DATA FOR THIS TASK:
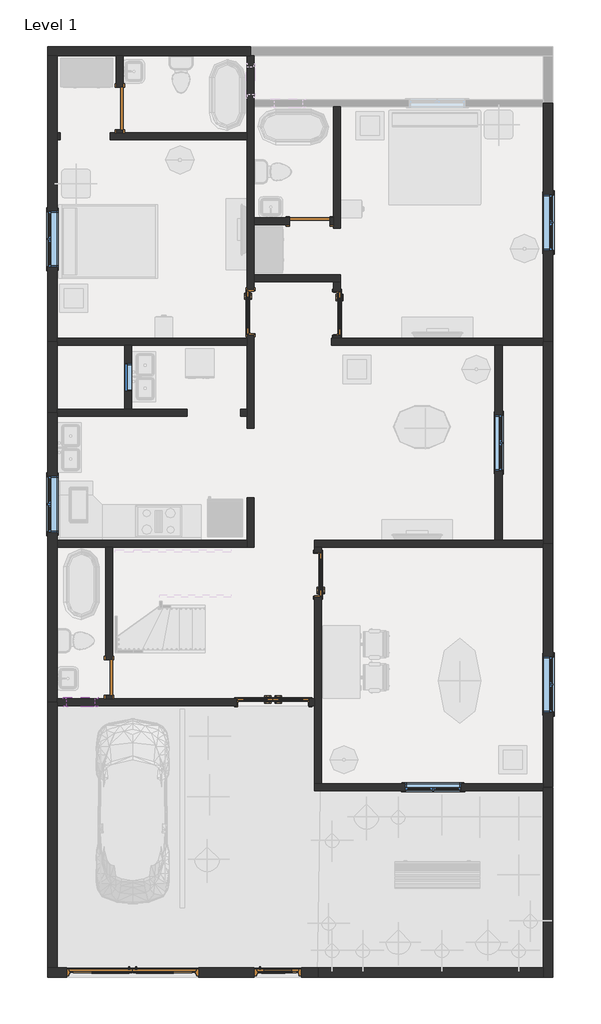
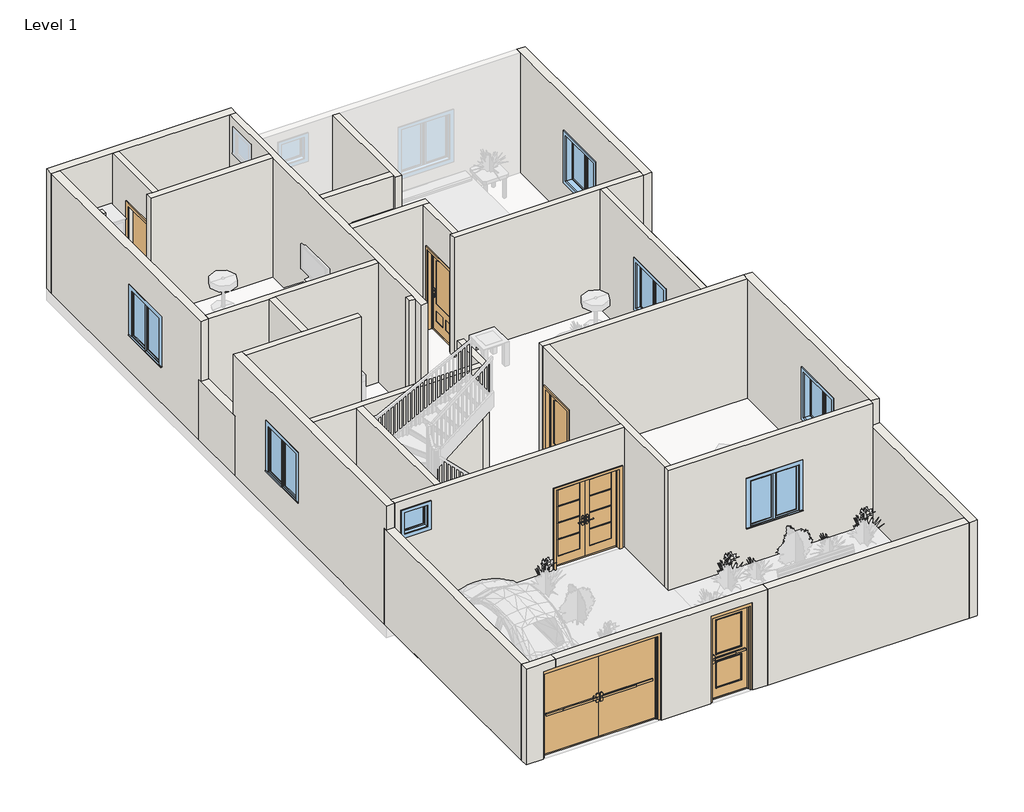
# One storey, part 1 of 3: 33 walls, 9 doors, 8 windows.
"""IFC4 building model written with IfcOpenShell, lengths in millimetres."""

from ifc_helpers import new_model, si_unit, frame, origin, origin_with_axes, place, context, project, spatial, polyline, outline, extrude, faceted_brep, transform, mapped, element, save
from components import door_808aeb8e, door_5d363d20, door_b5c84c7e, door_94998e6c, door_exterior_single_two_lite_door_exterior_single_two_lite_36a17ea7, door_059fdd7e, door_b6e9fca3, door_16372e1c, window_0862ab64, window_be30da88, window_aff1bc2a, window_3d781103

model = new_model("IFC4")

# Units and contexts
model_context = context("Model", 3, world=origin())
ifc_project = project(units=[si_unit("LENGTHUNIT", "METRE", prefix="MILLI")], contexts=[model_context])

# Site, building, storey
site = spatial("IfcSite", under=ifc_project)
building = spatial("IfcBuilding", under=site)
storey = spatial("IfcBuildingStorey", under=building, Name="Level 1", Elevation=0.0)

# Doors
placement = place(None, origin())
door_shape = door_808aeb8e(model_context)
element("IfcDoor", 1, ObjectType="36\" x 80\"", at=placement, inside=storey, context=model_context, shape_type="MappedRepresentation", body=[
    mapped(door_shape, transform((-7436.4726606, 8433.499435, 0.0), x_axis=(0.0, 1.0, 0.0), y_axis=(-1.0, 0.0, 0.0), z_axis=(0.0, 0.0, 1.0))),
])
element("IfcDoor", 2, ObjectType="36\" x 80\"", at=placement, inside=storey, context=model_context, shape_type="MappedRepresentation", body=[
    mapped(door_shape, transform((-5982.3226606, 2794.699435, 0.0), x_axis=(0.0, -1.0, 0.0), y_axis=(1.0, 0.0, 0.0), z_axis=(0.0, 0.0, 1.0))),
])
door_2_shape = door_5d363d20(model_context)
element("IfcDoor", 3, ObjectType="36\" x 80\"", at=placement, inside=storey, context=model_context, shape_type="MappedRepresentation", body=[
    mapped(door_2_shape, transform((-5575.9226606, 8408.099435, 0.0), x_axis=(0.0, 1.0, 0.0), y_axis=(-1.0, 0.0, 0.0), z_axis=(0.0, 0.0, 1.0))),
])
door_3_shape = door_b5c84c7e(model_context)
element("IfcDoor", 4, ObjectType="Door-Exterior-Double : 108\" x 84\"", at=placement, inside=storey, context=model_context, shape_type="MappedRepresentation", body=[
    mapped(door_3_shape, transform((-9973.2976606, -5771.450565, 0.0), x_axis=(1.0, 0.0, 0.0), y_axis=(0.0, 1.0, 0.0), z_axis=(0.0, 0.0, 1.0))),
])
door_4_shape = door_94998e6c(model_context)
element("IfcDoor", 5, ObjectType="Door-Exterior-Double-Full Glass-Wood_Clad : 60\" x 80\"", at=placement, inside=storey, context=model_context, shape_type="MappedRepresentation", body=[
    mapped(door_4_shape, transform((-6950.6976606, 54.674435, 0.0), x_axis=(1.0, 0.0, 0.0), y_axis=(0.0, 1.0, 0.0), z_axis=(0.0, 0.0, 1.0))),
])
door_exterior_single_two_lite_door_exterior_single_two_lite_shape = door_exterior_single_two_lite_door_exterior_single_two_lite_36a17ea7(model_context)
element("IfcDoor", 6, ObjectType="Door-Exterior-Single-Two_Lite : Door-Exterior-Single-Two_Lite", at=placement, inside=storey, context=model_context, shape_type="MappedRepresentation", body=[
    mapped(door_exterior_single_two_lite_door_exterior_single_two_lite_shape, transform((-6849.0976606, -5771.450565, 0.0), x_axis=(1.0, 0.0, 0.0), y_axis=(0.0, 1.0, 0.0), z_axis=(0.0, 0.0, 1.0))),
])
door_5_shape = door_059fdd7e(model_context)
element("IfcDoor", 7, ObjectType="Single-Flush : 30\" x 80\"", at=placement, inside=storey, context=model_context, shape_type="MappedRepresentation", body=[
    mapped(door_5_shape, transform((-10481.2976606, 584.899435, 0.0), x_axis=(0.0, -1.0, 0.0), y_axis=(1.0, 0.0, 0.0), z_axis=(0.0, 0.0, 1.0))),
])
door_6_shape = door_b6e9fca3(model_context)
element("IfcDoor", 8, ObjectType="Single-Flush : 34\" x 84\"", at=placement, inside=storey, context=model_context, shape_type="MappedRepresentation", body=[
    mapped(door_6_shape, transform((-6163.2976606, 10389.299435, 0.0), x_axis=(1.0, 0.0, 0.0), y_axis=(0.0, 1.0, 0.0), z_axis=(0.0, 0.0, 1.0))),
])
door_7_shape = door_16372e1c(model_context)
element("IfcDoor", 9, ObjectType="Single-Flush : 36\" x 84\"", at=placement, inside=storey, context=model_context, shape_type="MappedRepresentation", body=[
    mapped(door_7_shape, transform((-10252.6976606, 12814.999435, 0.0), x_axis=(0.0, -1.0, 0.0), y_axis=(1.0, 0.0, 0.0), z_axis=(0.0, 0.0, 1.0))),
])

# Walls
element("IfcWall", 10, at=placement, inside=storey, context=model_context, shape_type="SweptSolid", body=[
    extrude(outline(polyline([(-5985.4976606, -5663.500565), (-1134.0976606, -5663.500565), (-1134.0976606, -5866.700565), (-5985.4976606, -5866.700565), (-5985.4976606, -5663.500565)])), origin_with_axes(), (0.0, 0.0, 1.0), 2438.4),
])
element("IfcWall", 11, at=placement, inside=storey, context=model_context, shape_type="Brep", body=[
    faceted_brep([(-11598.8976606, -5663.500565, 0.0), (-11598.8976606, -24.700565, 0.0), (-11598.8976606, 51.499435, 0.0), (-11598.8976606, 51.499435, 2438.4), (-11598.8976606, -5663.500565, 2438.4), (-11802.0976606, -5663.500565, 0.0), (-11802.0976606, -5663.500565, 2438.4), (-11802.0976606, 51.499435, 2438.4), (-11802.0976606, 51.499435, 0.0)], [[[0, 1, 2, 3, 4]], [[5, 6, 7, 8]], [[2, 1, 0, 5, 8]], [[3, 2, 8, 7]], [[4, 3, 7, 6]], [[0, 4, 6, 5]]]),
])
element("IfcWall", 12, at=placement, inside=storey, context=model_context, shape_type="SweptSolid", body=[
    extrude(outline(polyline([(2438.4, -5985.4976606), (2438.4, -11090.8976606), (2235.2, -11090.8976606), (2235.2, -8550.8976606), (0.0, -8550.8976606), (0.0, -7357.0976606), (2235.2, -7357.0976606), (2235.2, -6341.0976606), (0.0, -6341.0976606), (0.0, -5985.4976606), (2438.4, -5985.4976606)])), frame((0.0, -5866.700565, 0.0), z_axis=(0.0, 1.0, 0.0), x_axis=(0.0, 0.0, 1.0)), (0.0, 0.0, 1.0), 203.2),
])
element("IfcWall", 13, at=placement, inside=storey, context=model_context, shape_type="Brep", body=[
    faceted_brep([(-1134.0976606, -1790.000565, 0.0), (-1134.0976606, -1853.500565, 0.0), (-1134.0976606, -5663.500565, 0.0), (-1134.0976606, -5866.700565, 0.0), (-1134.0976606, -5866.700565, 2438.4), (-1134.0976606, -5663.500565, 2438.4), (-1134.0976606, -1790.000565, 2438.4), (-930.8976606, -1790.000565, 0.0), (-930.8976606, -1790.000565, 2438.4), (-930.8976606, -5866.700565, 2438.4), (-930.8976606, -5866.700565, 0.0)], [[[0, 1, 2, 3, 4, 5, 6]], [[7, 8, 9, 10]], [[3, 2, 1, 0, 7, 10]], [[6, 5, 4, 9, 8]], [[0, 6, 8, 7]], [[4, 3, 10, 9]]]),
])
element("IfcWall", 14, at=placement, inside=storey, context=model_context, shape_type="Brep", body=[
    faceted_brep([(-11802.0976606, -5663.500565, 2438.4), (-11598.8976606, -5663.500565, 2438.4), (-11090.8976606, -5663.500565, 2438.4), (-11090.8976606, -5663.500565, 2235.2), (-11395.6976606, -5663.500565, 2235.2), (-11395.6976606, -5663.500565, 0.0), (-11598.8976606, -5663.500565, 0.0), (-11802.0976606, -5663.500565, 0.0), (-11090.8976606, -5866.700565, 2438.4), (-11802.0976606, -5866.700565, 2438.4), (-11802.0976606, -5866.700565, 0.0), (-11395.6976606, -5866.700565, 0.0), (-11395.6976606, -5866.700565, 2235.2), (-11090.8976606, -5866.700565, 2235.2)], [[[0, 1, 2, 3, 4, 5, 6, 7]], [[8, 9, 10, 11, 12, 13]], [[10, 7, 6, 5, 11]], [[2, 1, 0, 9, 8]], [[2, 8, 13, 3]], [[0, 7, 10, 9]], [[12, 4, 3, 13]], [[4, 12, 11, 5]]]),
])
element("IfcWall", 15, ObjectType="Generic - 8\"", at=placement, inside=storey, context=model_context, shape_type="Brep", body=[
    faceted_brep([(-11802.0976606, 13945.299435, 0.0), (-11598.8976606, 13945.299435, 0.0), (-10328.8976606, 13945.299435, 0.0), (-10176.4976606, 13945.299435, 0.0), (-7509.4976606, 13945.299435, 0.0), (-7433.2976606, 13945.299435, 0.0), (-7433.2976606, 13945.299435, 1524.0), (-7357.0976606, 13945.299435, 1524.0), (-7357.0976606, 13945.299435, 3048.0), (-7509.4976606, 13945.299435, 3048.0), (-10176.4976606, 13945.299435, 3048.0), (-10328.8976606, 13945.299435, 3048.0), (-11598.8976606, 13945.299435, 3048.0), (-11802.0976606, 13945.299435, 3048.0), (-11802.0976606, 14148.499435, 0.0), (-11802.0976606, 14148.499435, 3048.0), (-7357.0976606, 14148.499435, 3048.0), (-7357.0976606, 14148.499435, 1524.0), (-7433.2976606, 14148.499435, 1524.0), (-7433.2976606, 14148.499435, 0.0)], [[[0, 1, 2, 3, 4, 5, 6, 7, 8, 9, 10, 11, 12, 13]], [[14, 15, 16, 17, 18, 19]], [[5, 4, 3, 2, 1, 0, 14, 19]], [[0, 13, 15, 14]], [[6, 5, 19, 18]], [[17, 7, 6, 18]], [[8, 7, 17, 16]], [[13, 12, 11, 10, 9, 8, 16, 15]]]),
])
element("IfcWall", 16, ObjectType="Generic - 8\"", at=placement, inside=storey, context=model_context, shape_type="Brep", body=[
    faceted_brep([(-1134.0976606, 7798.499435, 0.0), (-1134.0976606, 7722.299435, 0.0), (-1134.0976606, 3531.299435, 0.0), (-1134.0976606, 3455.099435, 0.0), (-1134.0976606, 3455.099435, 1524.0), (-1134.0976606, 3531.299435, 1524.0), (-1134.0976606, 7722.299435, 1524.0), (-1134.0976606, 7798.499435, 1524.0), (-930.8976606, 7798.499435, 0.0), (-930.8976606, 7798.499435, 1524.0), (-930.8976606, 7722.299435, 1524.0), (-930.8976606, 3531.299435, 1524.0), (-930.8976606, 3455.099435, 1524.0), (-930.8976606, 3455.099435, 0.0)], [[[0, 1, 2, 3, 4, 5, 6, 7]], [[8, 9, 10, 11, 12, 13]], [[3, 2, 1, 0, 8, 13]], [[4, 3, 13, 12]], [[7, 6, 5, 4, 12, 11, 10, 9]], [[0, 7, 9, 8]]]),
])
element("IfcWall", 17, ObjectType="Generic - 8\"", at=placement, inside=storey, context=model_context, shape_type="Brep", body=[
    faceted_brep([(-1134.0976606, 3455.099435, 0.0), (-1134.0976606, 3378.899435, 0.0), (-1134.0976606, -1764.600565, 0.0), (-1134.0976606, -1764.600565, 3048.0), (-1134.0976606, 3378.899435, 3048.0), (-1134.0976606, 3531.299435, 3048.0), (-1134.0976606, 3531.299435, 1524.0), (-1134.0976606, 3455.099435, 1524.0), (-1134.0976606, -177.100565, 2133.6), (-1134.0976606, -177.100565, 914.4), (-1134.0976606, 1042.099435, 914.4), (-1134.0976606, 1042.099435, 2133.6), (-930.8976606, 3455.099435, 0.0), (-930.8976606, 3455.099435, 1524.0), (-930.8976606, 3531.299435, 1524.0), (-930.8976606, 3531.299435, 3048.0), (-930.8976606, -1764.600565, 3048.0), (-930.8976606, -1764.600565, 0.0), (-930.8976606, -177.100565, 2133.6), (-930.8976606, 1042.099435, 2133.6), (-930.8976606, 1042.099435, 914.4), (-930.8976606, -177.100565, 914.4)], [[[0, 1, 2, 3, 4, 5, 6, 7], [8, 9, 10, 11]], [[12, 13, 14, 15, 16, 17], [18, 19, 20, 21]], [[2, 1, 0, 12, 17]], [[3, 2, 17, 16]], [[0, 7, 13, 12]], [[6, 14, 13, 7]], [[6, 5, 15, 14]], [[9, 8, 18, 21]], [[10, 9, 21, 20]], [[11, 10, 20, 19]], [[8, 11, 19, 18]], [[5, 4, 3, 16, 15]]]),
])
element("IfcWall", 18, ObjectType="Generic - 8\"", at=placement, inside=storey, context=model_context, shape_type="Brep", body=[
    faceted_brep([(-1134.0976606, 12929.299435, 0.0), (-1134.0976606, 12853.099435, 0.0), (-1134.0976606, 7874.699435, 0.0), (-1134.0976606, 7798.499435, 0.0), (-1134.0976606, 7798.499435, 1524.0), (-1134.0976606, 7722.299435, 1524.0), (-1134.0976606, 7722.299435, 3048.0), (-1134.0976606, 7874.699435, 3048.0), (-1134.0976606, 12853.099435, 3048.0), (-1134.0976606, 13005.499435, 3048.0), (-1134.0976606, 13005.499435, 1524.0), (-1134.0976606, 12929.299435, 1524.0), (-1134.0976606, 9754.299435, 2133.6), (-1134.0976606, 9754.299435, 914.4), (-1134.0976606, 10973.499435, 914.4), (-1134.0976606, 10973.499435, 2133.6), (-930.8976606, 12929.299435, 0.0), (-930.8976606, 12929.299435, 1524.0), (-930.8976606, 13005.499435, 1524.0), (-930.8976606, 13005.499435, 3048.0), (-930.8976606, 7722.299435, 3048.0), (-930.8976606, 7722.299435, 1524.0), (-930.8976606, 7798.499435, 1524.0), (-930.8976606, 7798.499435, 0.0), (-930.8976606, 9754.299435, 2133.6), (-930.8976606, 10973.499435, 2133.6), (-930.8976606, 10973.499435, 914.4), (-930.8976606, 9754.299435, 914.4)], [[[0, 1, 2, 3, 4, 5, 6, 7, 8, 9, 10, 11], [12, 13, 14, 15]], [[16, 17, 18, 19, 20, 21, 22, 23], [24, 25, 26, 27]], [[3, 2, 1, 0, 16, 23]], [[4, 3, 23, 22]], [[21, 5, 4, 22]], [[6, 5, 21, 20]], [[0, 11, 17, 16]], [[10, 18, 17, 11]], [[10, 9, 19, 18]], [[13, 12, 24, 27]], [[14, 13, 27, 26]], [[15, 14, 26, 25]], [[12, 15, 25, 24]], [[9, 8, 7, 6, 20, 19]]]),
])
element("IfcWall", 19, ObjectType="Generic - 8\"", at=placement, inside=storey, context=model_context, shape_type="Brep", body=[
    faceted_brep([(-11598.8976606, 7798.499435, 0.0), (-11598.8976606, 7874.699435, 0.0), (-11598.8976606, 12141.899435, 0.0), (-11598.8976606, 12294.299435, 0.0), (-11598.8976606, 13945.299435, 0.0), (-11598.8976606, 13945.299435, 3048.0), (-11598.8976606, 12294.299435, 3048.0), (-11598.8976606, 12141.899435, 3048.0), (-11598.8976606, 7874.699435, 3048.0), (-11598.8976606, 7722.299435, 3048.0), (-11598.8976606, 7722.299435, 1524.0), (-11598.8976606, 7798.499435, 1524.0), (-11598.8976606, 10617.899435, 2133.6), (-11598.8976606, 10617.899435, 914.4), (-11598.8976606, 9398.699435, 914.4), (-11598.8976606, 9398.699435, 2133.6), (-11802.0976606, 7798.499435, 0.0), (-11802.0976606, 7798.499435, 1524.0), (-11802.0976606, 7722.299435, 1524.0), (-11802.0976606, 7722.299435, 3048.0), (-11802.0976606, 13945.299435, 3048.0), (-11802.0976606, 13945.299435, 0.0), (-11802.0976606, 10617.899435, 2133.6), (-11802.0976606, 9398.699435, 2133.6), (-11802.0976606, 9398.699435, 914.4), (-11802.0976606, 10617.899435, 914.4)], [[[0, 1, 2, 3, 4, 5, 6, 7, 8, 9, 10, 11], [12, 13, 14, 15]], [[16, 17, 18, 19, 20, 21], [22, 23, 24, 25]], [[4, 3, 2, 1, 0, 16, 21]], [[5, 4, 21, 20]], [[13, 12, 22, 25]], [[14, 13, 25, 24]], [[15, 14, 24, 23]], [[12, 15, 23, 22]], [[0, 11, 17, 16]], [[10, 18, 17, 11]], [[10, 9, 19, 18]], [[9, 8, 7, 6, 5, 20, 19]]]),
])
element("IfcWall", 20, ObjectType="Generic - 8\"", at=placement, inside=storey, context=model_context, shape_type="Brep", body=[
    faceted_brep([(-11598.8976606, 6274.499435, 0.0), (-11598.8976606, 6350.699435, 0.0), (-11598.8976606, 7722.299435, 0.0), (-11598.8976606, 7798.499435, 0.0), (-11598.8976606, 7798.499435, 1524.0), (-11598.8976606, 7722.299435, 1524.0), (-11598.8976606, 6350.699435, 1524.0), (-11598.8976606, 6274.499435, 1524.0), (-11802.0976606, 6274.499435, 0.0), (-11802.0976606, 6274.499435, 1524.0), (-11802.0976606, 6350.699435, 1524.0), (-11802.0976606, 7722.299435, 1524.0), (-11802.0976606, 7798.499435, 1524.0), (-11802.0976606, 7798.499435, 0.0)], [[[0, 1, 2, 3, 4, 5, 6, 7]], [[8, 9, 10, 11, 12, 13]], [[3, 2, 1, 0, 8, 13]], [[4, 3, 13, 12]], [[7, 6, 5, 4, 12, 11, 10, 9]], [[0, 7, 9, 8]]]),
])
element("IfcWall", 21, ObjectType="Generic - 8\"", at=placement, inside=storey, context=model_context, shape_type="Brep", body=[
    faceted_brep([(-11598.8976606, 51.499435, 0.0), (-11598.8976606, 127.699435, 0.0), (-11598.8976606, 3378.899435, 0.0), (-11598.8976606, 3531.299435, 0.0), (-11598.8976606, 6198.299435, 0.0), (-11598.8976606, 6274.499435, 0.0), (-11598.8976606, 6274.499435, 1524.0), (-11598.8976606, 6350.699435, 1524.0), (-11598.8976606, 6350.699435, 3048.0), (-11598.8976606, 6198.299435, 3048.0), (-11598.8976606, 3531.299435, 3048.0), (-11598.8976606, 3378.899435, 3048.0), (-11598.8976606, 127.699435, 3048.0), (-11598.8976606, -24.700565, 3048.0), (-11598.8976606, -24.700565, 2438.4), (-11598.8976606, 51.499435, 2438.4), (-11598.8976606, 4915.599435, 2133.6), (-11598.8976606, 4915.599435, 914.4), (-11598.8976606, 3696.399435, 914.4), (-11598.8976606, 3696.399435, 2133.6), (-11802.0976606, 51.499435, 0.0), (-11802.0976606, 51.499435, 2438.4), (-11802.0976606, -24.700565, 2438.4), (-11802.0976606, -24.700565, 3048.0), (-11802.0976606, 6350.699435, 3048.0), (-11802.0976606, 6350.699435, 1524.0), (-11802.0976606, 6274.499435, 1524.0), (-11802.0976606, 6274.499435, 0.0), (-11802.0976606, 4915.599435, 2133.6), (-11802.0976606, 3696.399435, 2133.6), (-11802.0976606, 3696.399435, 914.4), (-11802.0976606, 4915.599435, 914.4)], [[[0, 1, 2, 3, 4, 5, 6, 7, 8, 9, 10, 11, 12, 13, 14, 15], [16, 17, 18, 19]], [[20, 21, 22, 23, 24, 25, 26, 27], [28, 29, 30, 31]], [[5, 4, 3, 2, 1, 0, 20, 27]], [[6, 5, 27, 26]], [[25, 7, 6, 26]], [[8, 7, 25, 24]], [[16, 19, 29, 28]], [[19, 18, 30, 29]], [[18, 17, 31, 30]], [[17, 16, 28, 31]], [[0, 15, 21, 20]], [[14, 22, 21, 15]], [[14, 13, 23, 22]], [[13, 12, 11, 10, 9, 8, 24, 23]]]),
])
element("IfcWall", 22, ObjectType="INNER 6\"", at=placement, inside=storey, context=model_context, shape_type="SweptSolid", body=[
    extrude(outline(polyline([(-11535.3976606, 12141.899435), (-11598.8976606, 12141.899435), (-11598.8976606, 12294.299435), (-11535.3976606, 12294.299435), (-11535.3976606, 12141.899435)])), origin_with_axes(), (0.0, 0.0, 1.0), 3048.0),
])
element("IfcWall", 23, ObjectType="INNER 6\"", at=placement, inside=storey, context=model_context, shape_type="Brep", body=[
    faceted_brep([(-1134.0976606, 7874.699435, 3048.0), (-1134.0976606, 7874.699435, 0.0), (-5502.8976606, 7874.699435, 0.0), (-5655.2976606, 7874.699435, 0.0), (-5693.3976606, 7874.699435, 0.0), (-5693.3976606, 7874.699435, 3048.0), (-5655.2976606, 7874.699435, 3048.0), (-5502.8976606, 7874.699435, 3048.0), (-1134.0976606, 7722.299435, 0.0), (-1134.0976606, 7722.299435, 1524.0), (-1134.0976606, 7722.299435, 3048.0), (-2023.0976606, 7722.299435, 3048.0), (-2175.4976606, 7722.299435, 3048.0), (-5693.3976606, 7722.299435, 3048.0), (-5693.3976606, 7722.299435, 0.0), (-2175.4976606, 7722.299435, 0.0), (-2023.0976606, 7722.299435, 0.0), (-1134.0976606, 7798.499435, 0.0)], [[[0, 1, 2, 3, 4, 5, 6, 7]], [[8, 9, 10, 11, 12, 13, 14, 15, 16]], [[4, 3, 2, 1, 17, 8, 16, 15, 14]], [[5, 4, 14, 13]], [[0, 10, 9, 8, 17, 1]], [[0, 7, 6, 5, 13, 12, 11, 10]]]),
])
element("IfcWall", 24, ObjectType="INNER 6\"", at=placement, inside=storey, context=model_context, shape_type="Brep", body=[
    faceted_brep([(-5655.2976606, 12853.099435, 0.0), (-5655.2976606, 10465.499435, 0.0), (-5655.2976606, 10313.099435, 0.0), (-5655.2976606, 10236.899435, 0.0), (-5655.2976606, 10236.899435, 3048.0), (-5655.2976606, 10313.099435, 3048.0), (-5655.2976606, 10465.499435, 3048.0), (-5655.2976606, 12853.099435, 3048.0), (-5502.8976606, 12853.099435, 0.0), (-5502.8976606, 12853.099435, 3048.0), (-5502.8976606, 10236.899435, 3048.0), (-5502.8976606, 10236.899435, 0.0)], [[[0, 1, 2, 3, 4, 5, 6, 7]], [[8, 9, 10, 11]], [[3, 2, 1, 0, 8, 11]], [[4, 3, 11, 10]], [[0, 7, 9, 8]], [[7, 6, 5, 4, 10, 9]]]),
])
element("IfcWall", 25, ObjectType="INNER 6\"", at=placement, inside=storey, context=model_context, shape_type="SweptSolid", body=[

YOUR OBJECTIVE:
Skip the pictures and quote each line of the entries above, from the first through the line with "# Site, building, storey", exactly as it appears.

ANSWER SPACE:
# One storey, part 1 of 3: 33 walls, 9 doors, 8 windows.
"""IFC4 building model written with IfcOpenShell, lengths in millimetres."""

from ifc_helpers import new_model, si_unit, frame, origin, origin_with_axes, place, context, project, spatial, polyline, outline, extrude, faceted_brep, transform, mapped, element, save
from components import door_808aeb8e, door_5d363d20, door_b5c84c7e, door_94998e6c, door_exterior_single_two_lite_door_exterior_single_two_lite_36a17ea7, door_059fdd7e, door_b6e9fca3, door_16372e1c, window_0862ab64, window_be30da88, window_aff1bc2a, window_3d781103

model = new_model("IFC4")

# Units and contexts
model_context = context("Model", 3, world=origin())
ifc_project = project(units=[si_unit("LENGTHUNIT", "METRE", prefix="MILLI")], contexts=[model_context])

# Site, building, storey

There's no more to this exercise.